Records contained in a dataset:

=== Begin Enclosure ===

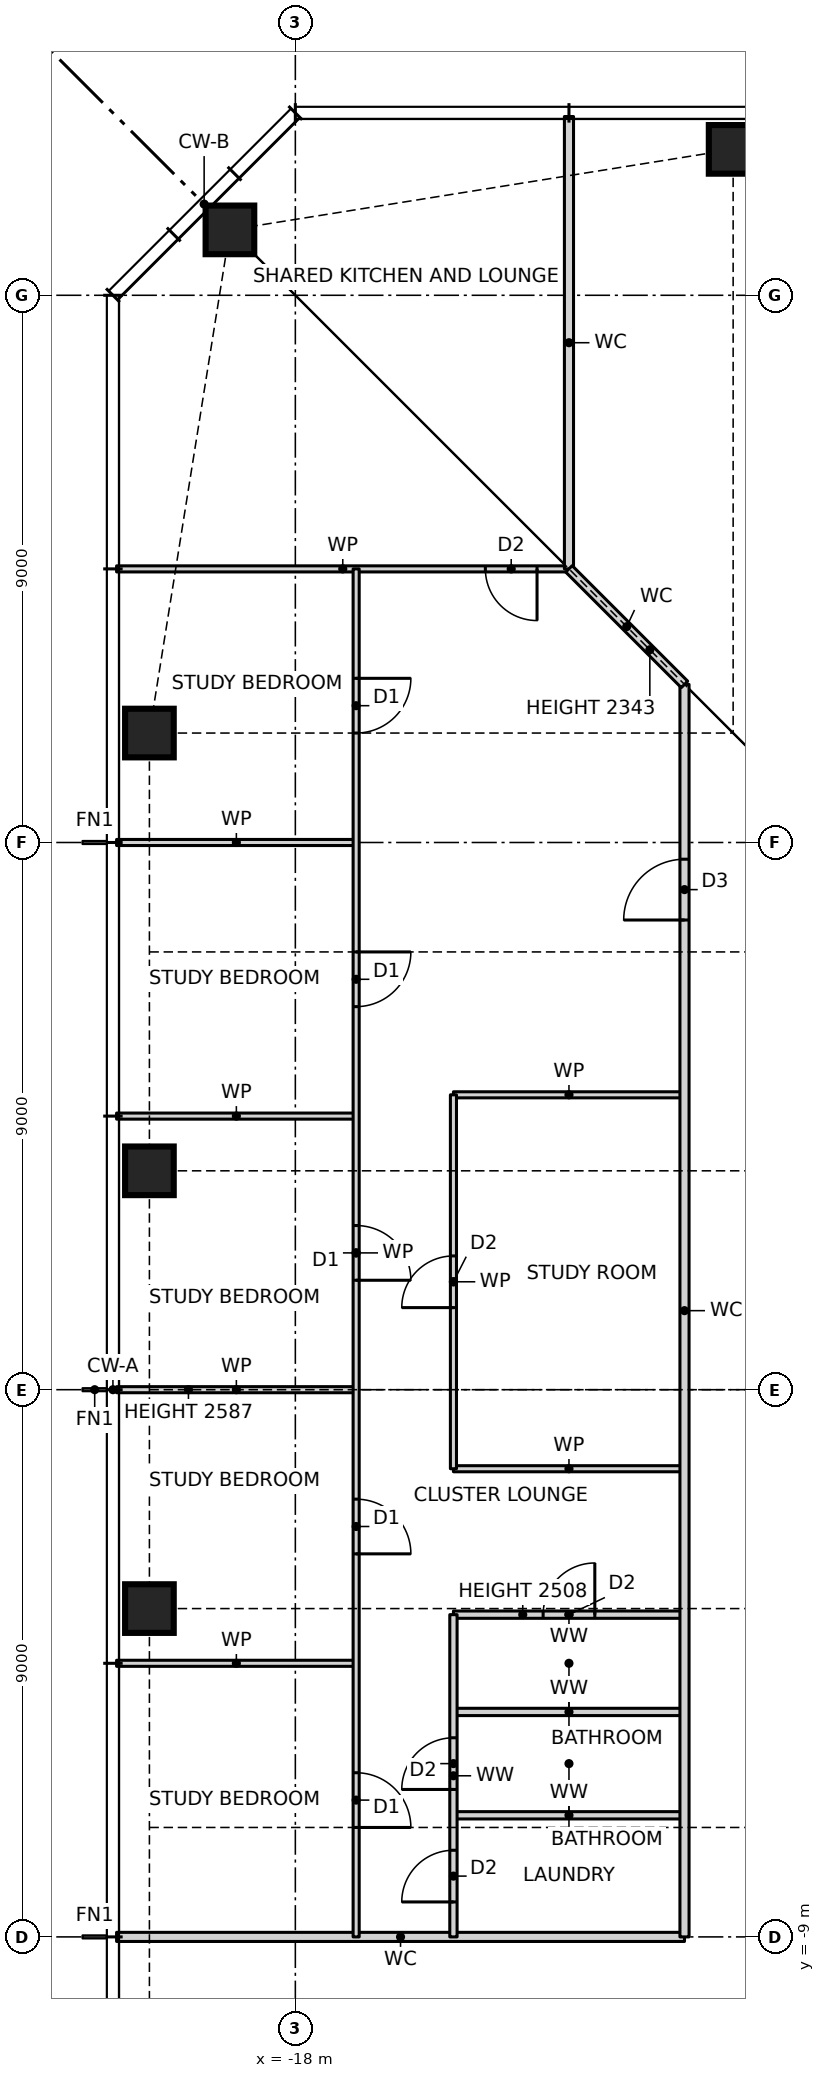
"""IFC4 building model, lengths in metres.
Left out: names, types, materials, properties, quantities, classifications, styles, units other than length and angle.
Written with IfcOpenShell. Run it as: python <this file> out.ifc"""

import sys

from ifc_helpers import new_model, si_unit, direction, frame, frame_2d, origin, origin_2d, place, context, subcontext, project, spatial, rectangle, hollow_rectangle, extrude, element, fill, save


model = new_model("IFC4")
c1 = context("Model", 3, precision=1e-05, world=origin(), true_north=direction((0.0, 1.0)))
c2 = subcontext(c1, "Body", "Model", "MODEL_VIEW")
j1 = project(units=[si_unit("LENGTHUNIT", "METRE"), si_unit("PLANEANGLEUNIT", "RADIAN")], contexts=[c1])
p1 = place(None, origin())
s1 = spatial("IfcSite", under=j1, at=p1, CompositionType="ELEMENT")
p2 = place(p1, origin())
s2 = spatial("IfcBuilding", under=s1, at=p2, CompositionType="ELEMENT")
p3 = place(p2, frame((0.0, 0.0, 94.5)))
s3 = spatial("IfcBuildingStorey", under=s2, at=p3, CompositionType="ELEMENT", Elevation=94.5)
for number, where, z_axis, x_axis in (
    (1, (-10.8, 20.4, 0.0), (0.0, 0.0, 1.0), (1.0, 0.0, 0.0)),
    (2, (-19.076, 19.076, 0.0), (0.0, 0.0, 1.0), (1.0, 0.0, 0.0)),
    (3, (-20.4, 10.8, 0.0), (0.0, 0.0, 1.0), (1.0, 0.0, 0.0)),
    (4, (-20.4, 3.6, 0.0), (0.0, 0.0, 1.0), (1.0, 0.0, 0.0)),
    (5, (-20.4, -3.6, 0.0), (0.0, 0.0, 1.0), (1.0, 0.0, 0.0)),
):
    element("IfcColumn", number, at=place(p3, frame(where, z_axis=z_axis, x_axis=x_axis)), inside=s3, PredefinedType="COLUMN", context=c2, shape_type="SweptSolid", body=[
        extrude(hollow_rectangle(XDim=0.8, YDim=0.8, WallThickness=0.07, at=origin_2d()), origin(), (0.0, 0.0, 1.0), 3.5),
    ])
p4 = place(p3, frame((-20.94, -9.0, 0.0), z_axis=(0.0, 0.0, 1.0), x_axis=(1.0, 0.0, 0.0)))
e6 = element("IfcWall", 6, at=p4, inside=s3, PredefinedType="PARTITIONING", context=c2, shape_type="SweptSolid", body=[
    extrude(rectangle(XDim=9.34, YDim=0.15, at=frame_2d((4.67, 0.0))), origin(), (0.0, 0.0, 1.0), 3.27),
])
for number, where, z_axis, x_axis in (
    (7, (-15.4, -7.0, 0.0), (0.0, 0.0, 1.0), (1.0, 0.0, 0.0)),
    (8, (-15.4, -5.3, 0.0), (0.0, 0.0, 1.0), (1.0, 0.0, 0.0)),
):
    element("IfcWall", number, at=place(p3, frame(where, z_axis=z_axis, x_axis=x_axis)), inside=s3, PredefinedType="PARTITIONING", context=c2, shape_type="SweptSolid", body=[
        extrude(rectangle(XDim=3.8, YDim=0.12, at=frame_2d((1.9, 0.0))), origin(), (0.0, 0.0, 1.0), 3.27),
    ])
p5 = place(p3, frame((-20.94, -4.5, 0.0), z_axis=(0.0, 0.0, 1.0), x_axis=(1.0, 0.0, 0.0)))
e9 = element("IfcWall", 9, at=p5, inside=s3, PredefinedType="PARTITIONING", context=c2, shape_type="SweptSolid", body=[
    extrude(rectangle(XDim=3.94, YDim=0.1, at=frame_2d((1.97, 0.0))), origin(), (0.0, 0.0, 1.0), 3.27),
])
p6 = place(p3, frame((-15.4, -3.7, 0.0), z_axis=(0.0, 0.0, 1.0), x_axis=(1.0, 0.0, 0.0)))
e10 = element("IfcWall", 10, at=p6, inside=s3, PredefinedType="PARTITIONING", context=c2, shape_type="SweptSolid", body=[
    extrude(rectangle(XDim=3.8, YDim=0.12, at=frame_2d((1.9, 0.0))), origin(), (0.0, 0.0, 1.0), 2.508),
])
p7 = place(p6, frame((1.475, 0.0, 0.0)))
e11 = element("IfcOpeningElement", 11, at=p7, cuts=e10, PredefinedType="OPENING", context=c2, shape_type="SweptSolid", body=[
    extrude(rectangle(XDim=0.85, YDim=2.1, at=frame_2d((0.425, 1.05))), frame((0.0, 0.07, 0.0), z_axis=(0.0, -1.0, 0.0), x_axis=(1.0, 0.0, 0.0)), (0.0, 0.0, 1.0), 0.14),
])
p8 = place(p3, frame((-15.4, -1.3, 0.0), z_axis=(0.0, 0.0, 1.0), x_axis=(1.0, 0.0, 0.0)))
e12 = element("IfcWall", 12, at=p8, inside=s3, PredefinedType="PARTITIONING", context=c2, shape_type="SweptSolid", body=[
    extrude(rectangle(XDim=3.8, YDim=0.1, at=frame_2d((1.9, 0.0))), origin(), (0.0, 0.0, 1.0), 3.27),
])
p9 = place(p3, frame((-20.94, 0.0, 0.0), z_axis=(0.0, 0.0, 1.0), x_axis=(1.0, 0.0, 0.0)))
e13 = element("IfcWall", 13, at=p9, inside=s3, PredefinedType="PARTITIONING", context=c2, shape_type="SweptSolid", body=[
    extrude(rectangle(XDim=3.94, YDim=0.1, at=frame_2d((1.97, 0.0))), origin(), (0.0, 0.0, 1.0), 2.587),
])
p10 = place(p3, frame((-20.94, 4.5, 0.0), z_axis=(0.0, 0.0, 1.0), x_axis=(1.0, 0.0, 0.0)))
e14 = element("IfcWall", 14, at=p10, inside=s3, PredefinedType="PARTITIONING", context=c2, shape_type="SweptSolid", body=[
    extrude(rectangle(XDim=3.94, YDim=0.1, at=frame_2d((1.97, 0.0))), origin(), (0.0, 0.0, 1.0), 3.27),
])
p11 = place(p3, frame((-15.4, 4.85, 0.0), z_axis=(0.0, 0.0, 1.0), x_axis=(1.0, 0.0, 0.0)))
e15 = element("IfcWall", 15, at=p11, inside=s3, PredefinedType="PARTITIONING", context=c2, shape_type="SweptSolid", body=[
    extrude(rectangle(XDim=3.8, YDim=0.1, at=frame_2d((1.9, 0.0))), origin(), (0.0, 0.0, 1.0), 3.27),
])
p12 = place(p3, frame((-20.94, 9.0, 0.0), z_axis=(0.0, 0.0, 1.0), x_axis=(1.0, 0.0, 0.0)))
e16 = element("IfcWall", 16, at=p12, inside=s3, PredefinedType="PARTITIONING", context=c2, shape_type="SweptSolid", body=[
    extrude(rectangle(XDim=3.94, YDim=0.1, at=frame_2d((1.97, 0.0))), origin(), (0.0, 0.0, 1.0), 3.27),
])
p13 = place(p3, frame((-20.94, 13.5, 0.0), z_axis=(0.0, 0.0, 1.0), x_axis=(1.0, 0.0, 0.0)))
e17 = element("IfcWall", 17, at=p13, inside=s3, PredefinedType="PARTITIONING", context=c2, shape_type="SweptSolid", body=[
    extrude(rectangle(XDim=7.44, YDim=0.1, at=frame_2d((3.72, 0.0))), origin(), (0.0, 0.0, 1.0), 3.27),
])
p14 = place(p13, frame((6.065, 0.0, 0.0)))
e18 = element("IfcOpeningElement", 18, at=p14, cuts=e17, PredefinedType="OPENING", context=c2, shape_type="SweptSolid", body=[
    extrude(rectangle(XDim=0.85, YDim=2.1, at=frame_2d((0.425, 1.05))), frame((0.0, 0.06, 0.0), z_axis=(0.0, -1.0, 0.0), x_axis=(1.0, 0.0, 0.0)), (0.0, 0.0, 1.0), 0.12),
])
p15 = place(p3, frame((-11.6, -9.0, 0.0), z_axis=(0.0, 0.0, 1.0), x_axis=(0.0, 1.0, 0.0)))
e19 = element("IfcWall", 19, at=p15, inside=s3, PredefinedType="PARTITIONING", context=c2, shape_type="SweptSolid", body=[
    extrude(rectangle(XDim=20.6, YDim=0.15, at=frame_2d((10.3, 0.0))), origin(), (0.0, 0.0, 1.0), 3.27),
])
p16 = place(p15, frame((16.725, 0.0, 0.0)))
e20 = element("IfcOpeningElement", 20, at=p16, cuts=e19, PredefinedType="OPENING", context=c2, shape_type="SweptSolid", body=[
    extrude(rectangle(XDim=1.0, YDim=2.1, at=frame_2d((0.5, 1.05))), frame((0.0, 0.085, 0.0), z_axis=(0.0, -1.0, 0.0), x_axis=(1.0, 0.0, 0.0)), (0.0, 0.0, 1.0), 0.17),
])
p17 = place(p3, frame((-13.5, 13.5, 0.0), z_axis=(0.0, 0.0, 1.0), x_axis=(0.0, 1.0, 0.0)))
e21 = element("IfcWall", 21, at=p17, inside=s3, PredefinedType="PARTITIONING", context=c2, shape_type="SweptSolid", body=[
    extrude(rectangle(XDim=7.44, YDim=0.15, at=frame_2d((3.72, 0.0))), origin(), (0.0, 0.0, 1.0), 3.27),
])
p18 = place(p3, frame((-15.4, -9.0, 0.0), z_axis=(0.0, 0.0, 1.0), x_axis=(0.0, 1.0, 0.0)))
e22 = element("IfcWall", 22, at=p18, inside=s3, PredefinedType="PARTITIONING", context=c2, shape_type="SweptSolid", body=[
    extrude(rectangle(XDim=5.3, YDim=0.12, at=frame_2d((2.65, 0.0))), origin(), (0.0, 0.0, 1.0), 3.27),
])
p19 = place(p18, frame((2.425, 0.0, 0.0)))
e23 = element("IfcOpeningElement", 23, at=p19, cuts=e22, PredefinedType="OPENING", context=c2, shape_type="SweptSolid", body=[
    extrude(rectangle(XDim=0.85, YDim=2.1, at=frame_2d((0.425, 1.05))), frame((0.0, 0.07, 0.0), z_axis=(0.0, -1.0, 0.0), x_axis=(1.0, 0.0, 0.0)), (0.0, 0.0, 1.0), 0.14),
])
p20 = place(p18, frame((0.575, 0.0, 0.0)))
e24 = element("IfcOpeningElement", 24, at=p20, cuts=e22, PredefinedType="OPENING", context=c2, shape_type="SweptSolid", body=[
    extrude(rectangle(XDim=0.85, YDim=2.1, at=frame_2d((0.425, 1.05))), frame((0.0, 0.07, 0.0), z_axis=(0.0, -1.0, 0.0), x_axis=(1.0, 0.0, 0.0)), (0.0, 0.0, 1.0), 0.14),
])
p21 = place(p3, frame((-15.4, -1.3, 0.0), z_axis=(0.0, 0.0, 1.0), x_axis=(0.0, 1.0, 0.0)))
e25 = element("IfcWall", 25, at=p21, inside=s3, PredefinedType="PARTITIONING", context=c2, shape_type="SweptSolid", body=[
    extrude(rectangle(XDim=6.15, YDim=0.1, at=frame_2d((3.075, 0.0))), origin(), (0.0, 0.0, 1.0), 3.27),
])
p22 = place(p21, frame((2.65, 0.0, 0.0)))
e26 = element("IfcOpeningElement", 26, at=p22, cuts=e25, PredefinedType="OPENING", context=c2, shape_type="SweptSolid", body=[
    extrude(rectangle(XDim=0.85, YDim=2.1, at=frame_2d((0.425, 1.05))), frame((0.0, 0.06, 0.0), z_axis=(0.0, -1.0, 0.0), x_axis=(1.0, 0.0, 0.0)), (0.0, 0.0, 1.0), 0.12),
])
p23 = place(p3, frame((-17.0, -9.0, 0.0), z_axis=(0.0, 0.0, 1.0), x_axis=(0.0, 1.0, 0.0)))
e27 = element("IfcWall", 27, at=p23, inside=s3, PredefinedType="PARTITIONING", context=c2, shape_type="SweptSolid", body=[
    extrude(rectangle(XDim=22.5, YDim=0.1, at=frame_2d((11.25, 0.0))), origin(), (0.0, 0.0, 1.0), 3.27),
])
p24 = place(p23, frame((19.8, 0.0, 0.0)))
e28 = element("IfcOpeningElement", 28, at=p24, cuts=e27, PredefinedType="OPENING", context=c2, shape_type="SweptSolid", body=[
    extrude(rectangle(XDim=0.9, YDim=2.1, at=frame_2d((0.45, 1.05))), frame((0.0, 0.06, 0.0), z_axis=(0.0, -1.0, 0.0), x_axis=(1.0, 0.0, 0.0)), (0.0, 0.0, 1.0), 0.12),
])
p25 = place(p23, frame((15.3, 0.0, 0.0)))
e29 = element("IfcOpeningElement", 29, at=p25, cuts=e27, PredefinedType="OPENING", context=c2, shape_type="SweptSolid", body=[
    extrude(rectangle(XDim=0.9, YDim=2.1, at=frame_2d((0.45, 1.05))), frame((0.0, 0.06, 0.0), z_axis=(0.0, -1.0, 0.0), x_axis=(1.0, 0.0, 0.0)), (0.0, 0.0, 1.0), 0.12),
])
p26 = place(p23, frame((10.8, 0.0, 0.0)))
e30 = element("IfcOpeningElement", 30, at=p26, cuts=e27, PredefinedType="OPENING", context=c2, shape_type="SweptSolid", body=[
    extrude(rectangle(XDim=0.9, YDim=2.1, at=frame_2d((0.45, 1.05))), frame((0.0, 0.06, 0.0), z_axis=(0.0, -1.0, 0.0), x_axis=(1.0, 0.0, 0.0)), (0.0, 0.0, 1.0), 0.12),
])
p27 = place(p23, frame((6.3, 0.0, 0.0)))
e31 = element("IfcOpeningElement", 31, at=p27, cuts=e27, PredefinedType="OPENING", context=c2, shape_type="SweptSolid", body=[
    extrude(rectangle(XDim=0.9, YDim=2.1, at=frame_2d((0.45, 1.05))), frame((0.0, 0.06, 0.0), z_axis=(0.0, -1.0, 0.0), x_axis=(1.0, 0.0, 0.0)), (0.0, 0.0, 1.0), 0.12),
])
p28 = place(p23, frame((1.8, 0.0, 0.0)))
e32 = element("IfcOpeningElement", 32, at=p28, cuts=e27, PredefinedType="OPENING", context=c2, shape_type="SweptSolid", body=[
    extrude(rectangle(XDim=0.9, YDim=2.1, at=frame_2d((0.45, 1.05))), frame((0.0, 0.06, 0.0), z_axis=(0.0, -1.0, 0.0), x_axis=(1.0, 0.0, 0.0)), (0.0, 0.0, 1.0), 0.12),
])
p29 = place(p3, frame((-11.6, 11.6, 0.0), z_axis=(0.0, 0.0, 1.0), x_axis=(-0.707106781187, 0.707106781187, 0.0)))
e33 = element("IfcWall", 33, at=p29, inside=s3, PredefinedType="PARTITIONING", context=c2, shape_type="SweptSolid", body=[
    extrude(rectangle(XDim=2.687, YDim=0.15, at=frame_2d((1.343, 0.0))), origin(), (0.0, 0.0, 1.0), 2.343),
])
p30 = place(p24, frame((0.9, 0.0, 0.0), z_axis=(0.0, 0.0, 1.0), x_axis=(-1.0, 0.0, 0.0)))
e34 = element("IfcDoor", 34, at=p30, inside=s3, OperationType="SINGLE_SWING_LEFT", PredefinedType="DOOR", context=c2, shape_type="SweptSolid", body=[
    extrude(rectangle(XDim=0.9, YDim=2.1, at=frame_2d((0.45, 1.05))), frame((0.0, 0.025, 0.0), z_axis=(0.0, -1.0, 0.0), x_axis=(1.0, 0.0, 0.0)), (0.0, 0.0, 1.0), 0.05),
])
fill(e28, e34)
p31 = place(p25, frame((0.9, 0.0, 0.0), z_axis=(0.0, 0.0, 1.0), x_axis=(-1.0, 0.0, 0.0)))
e35 = element("IfcDoor", 35, at=p31, inside=s3, OperationType="SINGLE_SWING_LEFT", PredefinedType="DOOR", context=c2, shape_type="SweptSolid", body=[
    extrude(rectangle(XDim=0.9, YDim=2.1, at=frame_2d((0.45, 1.05))), frame((0.0, 0.025, 0.0), z_axis=(0.0, -1.0, 0.0), x_axis=(1.0, 0.0, 0.0)), (0.0, 0.0, 1.0), 0.05),
])
fill(e29, e35)
p32 = place(p26, frame((0.9, 0.0, 0.0), z_axis=(0.0, 0.0, 1.0), x_axis=(-1.0, 0.0, 0.0)))
e36 = element("IfcDoor", 36, at=p32, inside=s3, OperationType="SINGLE_SWING_RIGHT", PredefinedType="DOOR", context=c2, shape_type="SweptSolid", body=[
    extrude(rectangle(XDim=0.9, YDim=2.1, at=frame_2d((0.45, 1.05))), frame((0.0, 0.025, 0.0), z_axis=(0.0, -1.0, 0.0), x_axis=(1.0, 0.0, 0.0)), (0.0, 0.0, 1.0), 0.05),
])
fill(e30, e36)
p33 = place(p27, frame((0.9, 0.0, 0.0), z_axis=(0.0, 0.0, 1.0), x_axis=(-1.0, 0.0, 0.0)))
e37 = element("IfcDoor", 37, at=p33, inside=s3, OperationType="SINGLE_SWING_RIGHT", PredefinedType="DOOR", context=c2, shape_type="SweptSolid", body=[
    extrude(rectangle(XDim=0.9, YDim=2.1, at=frame_2d((0.45, 1.05))), frame((0.0, 0.025, 0.0), z_axis=(0.0, -1.0, 0.0), x_axis=(1.0, 0.0, 0.0)), (0.0, 0.0, 1.0), 0.05),
])
fill(e31, e37)
p34 = place(p28, frame((0.9, 0.0, 0.0), z_axis=(0.0, 0.0, 1.0), x_axis=(-1.0, 0.0, 0.0)))
e38 = element("IfcDoor", 38, at=p34, inside=s3, OperationType="SINGLE_SWING_RIGHT", PredefinedType="DOOR", context=c2, shape_type="SweptSolid", body=[
    extrude(rectangle(XDim=0.9, YDim=2.1, at=frame_2d((0.45, 1.05))), frame((0.0, 0.025, 0.0), z_axis=(0.0, -1.0, 0.0), x_axis=(1.0, 0.0, 0.0)), (0.0, 0.0, 1.0), 0.05),
])
fill(e32, e38)
p35 = place(p16, origin())
e39 = element("IfcDoor", 39, at=p35, inside=s3, OperationType="SINGLE_SWING_LEFT", PredefinedType="DOOR", context=c2, shape_type="SweptSolid", body=[
    extrude(rectangle(XDim=1.0, YDim=2.1, at=frame_2d((0.5, 1.05))), frame((0.0, 0.025, 0.0), z_axis=(0.0, -1.0, 0.0), x_axis=(1.0, 0.0, 0.0)), (0.0, 0.0, 1.0), 0.05),
])
fill(e20, e39)
p36 = place(p22, origin())
e40 = element("IfcDoor", 40, at=p36, inside=s3, OperationType="SINGLE_SWING_LEFT", PredefinedType="DOOR", context=c2, shape_type="SweptSolid", body=[
    extrude(rectangle(XDim=0.85, YDim=2.1, at=frame_2d((0.425, 1.05))), frame((0.0, 0.025, 0.0), z_axis=(0.0, -1.0, 0.0), x_axis=(1.0, 0.0, 0.0)), (0.0, 0.0, 1.0), 0.05),
])
fill(e26, e40)
p37 = place(p7, origin())
e41 = element("IfcDoor", 41, at=p37, inside=s3, OperationType="SINGLE_SWING_RIGHT", PredefinedType="DOOR", context=c2, shape_type="SweptSolid", body=[
    extrude(rectangle(XDim=0.85, YDim=2.1, at=frame_2d((0.425, 1.05))), frame((0.0, 0.025, 0.0), z_axis=(0.0, -1.0, 0.0), x_axis=(1.0, 0.0, 0.0)), (0.0, 0.0, 1.0), 0.05),
])
fill(e11, e41)
p38 = place(p19, origin())
e42 = element("IfcDoor", 42, at=p38, inside=s3, OperationType="SINGLE_SWING_LEFT", PredefinedType="DOOR", context=c2, shape_type="SweptSolid", body=[
    extrude(rectangle(XDim=0.85, YDim=2.1, at=frame_2d((0.425, 1.05))), frame((0.0, 0.025, 0.0), z_axis=(0.0, -1.0, 0.0), x_axis=(1.0, 0.0, 0.0)), (0.0, 0.0, 1.0), 0.05),
])
fill(e23, e42)
p39 = place(p20, origin())
e43 = element("IfcDoor", 43, at=p39, inside=s3, OperationType="SINGLE_SWING_LEFT", PredefinedType="DOOR", context=c2, shape_type="SweptSolid", body=[
    extrude(rectangle(XDim=0.85, YDim=2.1, at=frame_2d((0.425, 1.05))), frame((0.0, 0.025, 0.0), z_axis=(0.0, -1.0, 0.0), x_axis=(1.0, 0.0, 0.0)), (0.0, 0.0, 1.0), 0.05),
])
fill(e24, e43)
p40 = place(p14, frame((0.85, 0.0, 0.0), z_axis=(0.0, 0.0, 1.0), x_axis=(-1.0, 0.0, 0.0)))
e44 = element("IfcDoor", 44, at=p40, inside=s3, OperationType="SINGLE_SWING_LEFT", PredefinedType="DOOR", context=c2, shape_type="SweptSolid", body=[
    extrude(rectangle(XDim=0.85, YDim=2.1, at=frame_2d((0.425, 1.05))), frame((0.0, 0.025, 0.0), z_axis=(0.0, -1.0, 0.0), x_axis=(1.0, 0.0, 0.0)), (0.0, 0.0, 1.0), 0.05),
])
fill(e18, e44)
save(model, sys.argv[1])

=== End Enclosure ===

What needs to be done: Using the records, report how many lines contain the word "project", adding no other text.

Solution to this exercise: 2